**** Data for this task

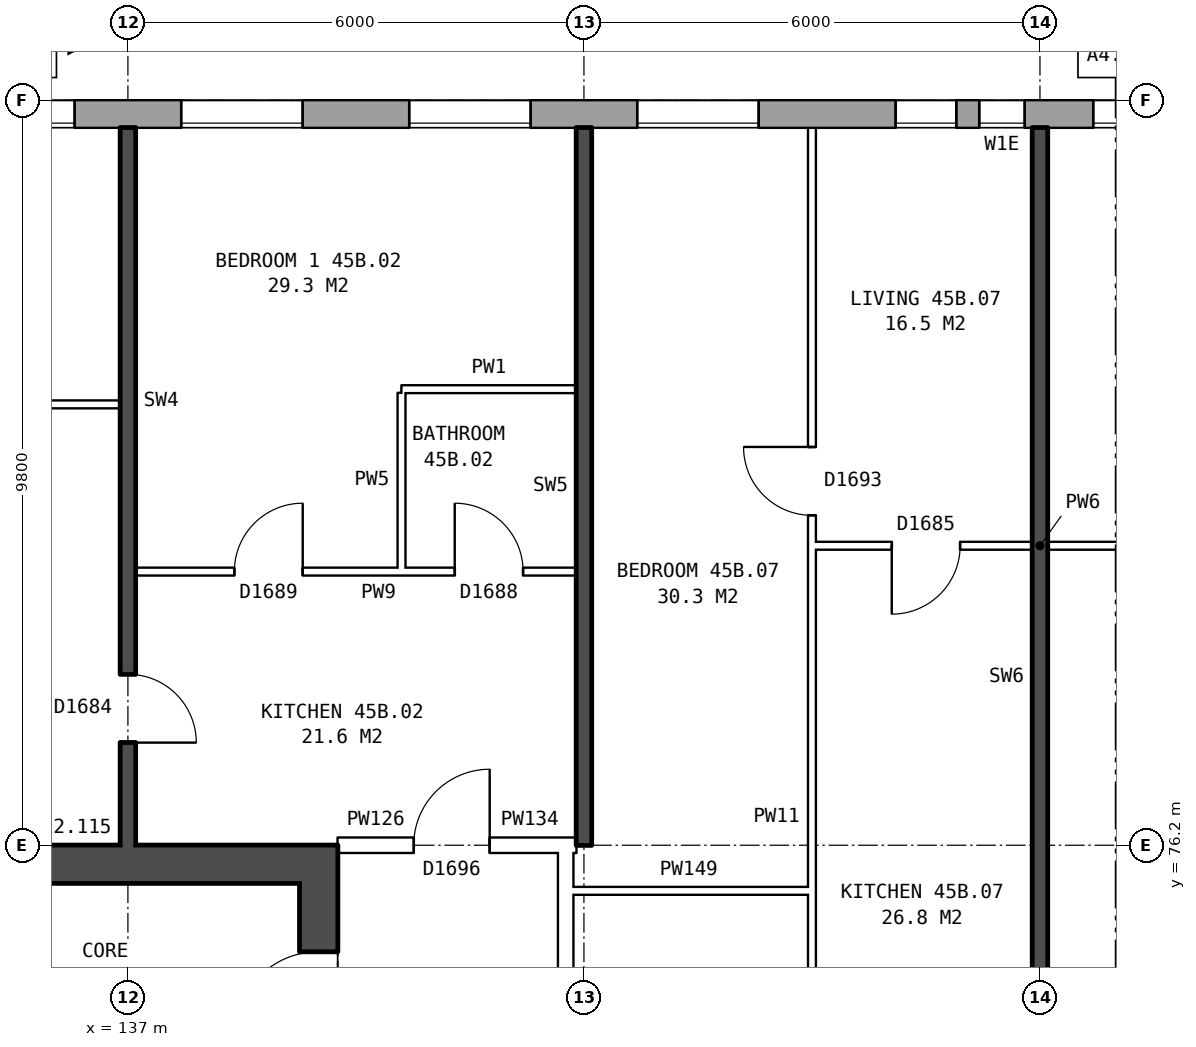
"""IFC4 building model, lengths in metres.
Left out: names, types, materials, properties, quantities, classifications, styles, units other than length and angle.
Written with IfcOpenShell. Run it as: python <this file> out.ifc"""

import sys

from ifc_helpers import new_model, si_unit, direction, frame, frame_2d, origin, place, context, subcontext, project, spatial, rectangle, extrude, element, fill, save


model = new_model("IFC4")
c1 = context("Model", 3, precision=1e-05, world=origin(), true_north=direction((0.0, 1.0)))
c2 = subcontext(c1, "Body", "Model", "MODEL_VIEW")
j1 = project(units=[si_unit("LENGTHUNIT", "METRE"), si_unit("PLANEANGLEUNIT", "RADIAN")], contexts=[c1])
p1 = place(None, origin())
s1 = spatial("IfcSite", under=j1, at=p1, CompositionType="ELEMENT")
p2 = place(p1, origin())
s2 = spatial("IfcBuilding", under=s1, at=p2, CompositionType="ELEMENT")
p3 = place(p2, frame((0.0, 0.0, 160.9)))
s3 = spatial("IfcBuildingStorey", under=s2, at=p3, CompositionType="ELEMENT", Elevation=160.9)
p4 = place(p3, frame((168.425, 85.82, 0.0), z_axis=(0.0, 0.0, 1.0), x_axis=(-1.0, 0.0, 0.0)))
e1 = element("IfcWall", 1, at=p4, inside=s3, PredefinedType="STANDARD", context=c2, shape_type="SweptSolid", body=[
    extrude(rectangle(XDim=34.351, YDim=0.36, at=frame_2d((17.175, 0.0))), origin(), (0.0, 0.0, 1.0), 2.85),
])
p5 = place(p4, frame((2.125, 0.0, 0.8)))
e2 = element("IfcOpeningElement", 2, at=p5, cuts=e1, PredefinedType="OPENING", context=c2, shape_type="SweptSolid", body=[
    extrude(rectangle(XDim=1.6, YDim=1.8, at=frame_2d((0.8, 0.9))), frame((0.0, 0.19, 0.0), z_axis=(0.0, -1.0, 0.0), x_axis=(1.0, 0.0, 0.0)), (0.0, 0.0, 1.0), 0.38),
])
p6 = place(p4, frame((5.125, 0.0, 0.8)))
e3 = element("IfcOpeningElement", 3, at=p6, cuts=e1, PredefinedType="OPENING", context=c2, shape_type="SweptSolid", body=[
    extrude(rectangle(XDim=1.6, YDim=1.8, at=frame_2d((0.8, 0.9))), frame((0.0, 0.19, 0.0), z_axis=(0.0, -1.0, 0.0), x_axis=(1.0, 0.0, 0.0)), (0.0, 0.0, 1.0), 0.38),
])
p7 = place(p4, frame((8.125, 0.0, 0.8)))
e4 = element("IfcOpeningElement", 4, at=p7, cuts=e1, PredefinedType="OPENING", context=c2, shape_type="SweptSolid", body=[
    extrude(rectangle(XDim=1.6, YDim=1.8, at=frame_2d((0.8, 0.9))), frame((0.0, 0.19, 0.0), z_axis=(0.0, -1.0, 0.0), x_axis=(1.0, 0.0, 0.0)), (0.0, 0.0, 1.0), 0.38),
])
p8 = place(p4, frame((10.025, 0.0, 0.8)))
e5 = element("IfcOpeningElement", 5, at=p8, cuts=e1, PredefinedType="OPENING", context=c2, shape_type="SweptSolid", body=[
    extrude(rectangle(XDim=1.0, YDim=1.8, at=frame_2d((0.5, 0.9))), frame((0.0, 0.19, 0.0), z_axis=(0.0, -1.0, 0.0), x_axis=(1.0, 0.0, 0.0)), (0.0, 0.0, 1.0), 0.38),
])
p9 = place(p4, frame((14.125, 0.0, 0.8)))
e6 = element("IfcOpeningElement", 6, at=p9, cuts=e1, PredefinedType="OPENING", context=c2, shape_type="SweptSolid", body=[
    extrude(rectangle(XDim=1.6, YDim=1.8, at=frame_2d((0.8, 0.9))), frame((0.0, 0.19, 0.0), z_axis=(0.0, -1.0, 0.0), x_axis=(1.0, 0.0, 0.0)), (0.0, 0.0, 1.0), 0.38),
])
p10 = place(p4, frame((17.125, 0.0, 0.8)))
e7 = element("IfcOpeningElement", 7, at=p10, cuts=e1, PredefinedType="OPENING", context=c2, shape_type="SweptSolid", body=[
    extrude(rectangle(XDim=1.6, YDim=1.8, at=frame_2d((0.8, 0.9))), frame((0.0, 0.19, 0.0), z_axis=(0.0, -1.0, 0.0), x_axis=(1.0, 0.0, 0.0)), (0.0, 0.0, 1.0), 0.38),
])
p11 = place(p4, frame((19.625, 0.0, 0.65)))
e8 = element("IfcOpeningElement", 8, at=p11, cuts=e1, PredefinedType="OPENING", context=c2, shape_type="SweptSolid", body=[
    extrude(rectangle(XDim=0.6, YDim=1.8, at=frame_2d((0.3, 0.9))), frame((0.0, 0.19, 0.0), z_axis=(0.0, -1.0, 0.0), x_axis=(1.0, 0.0, 0.0)), (0.0, 0.0, 1.0), 0.38),
])
p12 = place(p4, frame((23.125, 0.0, 0.8)))
e9 = element("IfcOpeningElement", 9, at=p12, cuts=e1, PredefinedType="OPENING", context=c2, shape_type="SweptSolid", body=[
    extrude(rectangle(XDim=1.6, YDim=1.8, at=frame_2d((0.8, 0.9))), frame((0.0, 0.19, 0.0), z_axis=(0.0, -1.0, 0.0), x_axis=(1.0, 0.0, 0.0)), (0.0, 0.0, 1.0), 0.38),
])
p13 = place(p4, frame((26.125, 0.0, 0.8)))
e10 = element("IfcOpeningElement", 10, at=p13, cuts=e1, PredefinedType="OPENING", context=c2, shape_type="SweptSolid", body=[
    extrude(rectangle(XDim=1.6, YDim=1.8, at=frame_2d((0.8, 0.9))), frame((0.0, 0.19, 0.0), z_axis=(0.0, -1.0, 0.0), x_axis=(1.0, 0.0, 0.0)), (0.0, 0.0, 1.0), 0.38),
])
p14 = place(p4, frame((29.125, 0.0, 0.8)))
e11 = element("IfcOpeningElement", 11, at=p14, cuts=e1, PredefinedType="OPENING", context=c2, shape_type="SweptSolid", body=[
    extrude(rectangle(XDim=1.6, YDim=1.8, at=frame_2d((0.8, 0.9))), frame((0.0, 0.19, 0.0), z_axis=(0.0, -1.0, 0.0), x_axis=(1.0, 0.0, 0.0)), (0.0, 0.0, 1.0), 0.38),
])
p15 = place(p4, frame((32.125, 0.0, 0.8)))
e12 = element("IfcOpeningElement", 12, at=p15, cuts=e1, PredefinedType="OPENING", context=c2, shape_type="SweptSolid", body=[
    extrude(rectangle(XDim=1.6, YDim=1.8, at=frame_2d((0.8, 0.9))), frame((0.0, 0.19, 0.0), z_axis=(0.0, -1.0, 0.0), x_axis=(1.0, 0.0, 0.0)), (0.0, 0.0, 1.0), 0.38),
])
p16 = place(p4, frame((11.325, 0.0, 1.7)))
e13 = element("IfcOpeningElement", 13, at=p16, cuts=e1, PredefinedType="OPENING", context=c2, shape_type="SweptSolid", body=[
    extrude(rectangle(XDim=0.8, YDim=0.9, at=frame_2d((0.4, 0.45))), frame((0.0, 0.19, 0.0), z_axis=(0.0, -1.0, 0.0), x_axis=(1.0, 0.0, 0.0)), (0.0, 0.0, 1.0), 0.38),
])
p17 = place(p4, frame((20.525, 0.0, 0.55)))
e14 = element("IfcOpeningElement", 14, at=p17, cuts=e1, PredefinedType="OPENING", context=c2, shape_type="SweptSolid", body=[
    extrude(rectangle(XDim=0.8, YDim=0.9, at=frame_2d((0.4, 0.45))), frame((0.0, 0.19, 0.0), z_axis=(0.0, -1.0, 0.0), x_axis=(1.0, 0.0, 0.0)), (0.0, 0.0, 1.0), 0.38),
])
p18 = place(p3, frame((139.51, 63.8, 0.0), z_axis=(0.0, 0.0, 1.0), x_axis=(0.0, 1.0, 0.0)))
e15 = element("IfcWall", 15, at=p18, inside=s3, PredefinedType="SHEAR", context=c2, shape_type="SweptSolid", body=[
    extrude(rectangle(XDim=12.4, YDim=0.5, at=frame_2d((6.2, 0.0))), origin(), (0.0, 0.0, 1.0), 2.85),
])
p19 = place(p18, frame((1.325, 0.0, 0.0)))
e16 = element("IfcOpeningElement", 16, at=p19, cuts=e15, PredefinedType="OPENING", context=c2, shape_type="SweptSolid", body=[
    extrude(rectangle(XDim=1.1, YDim=2.1, at=frame_2d((0.55, 1.05))), frame((0.0, 0.26, 0.0), z_axis=(0.0, -1.0, 0.0), x_axis=(1.0, 0.0, 0.0)), (0.0, 0.0, 1.0), 0.52),
])
p20 = place(p18, frame((3.6, 0.0, 0.0)))
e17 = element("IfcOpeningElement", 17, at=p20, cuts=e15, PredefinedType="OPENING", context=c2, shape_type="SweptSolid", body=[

********

Task directions
For each line of the data that has the word "subcontext", report that line.

Solution below
from ifc_helpers import new_model, si_unit, direction, frame, frame_2d, origin, place, context, subcontext, project, spatial, rectangle, extrude, element, fill, save
c2 = subcontext(c1, "Body", "Model", "MODEL_VIEW")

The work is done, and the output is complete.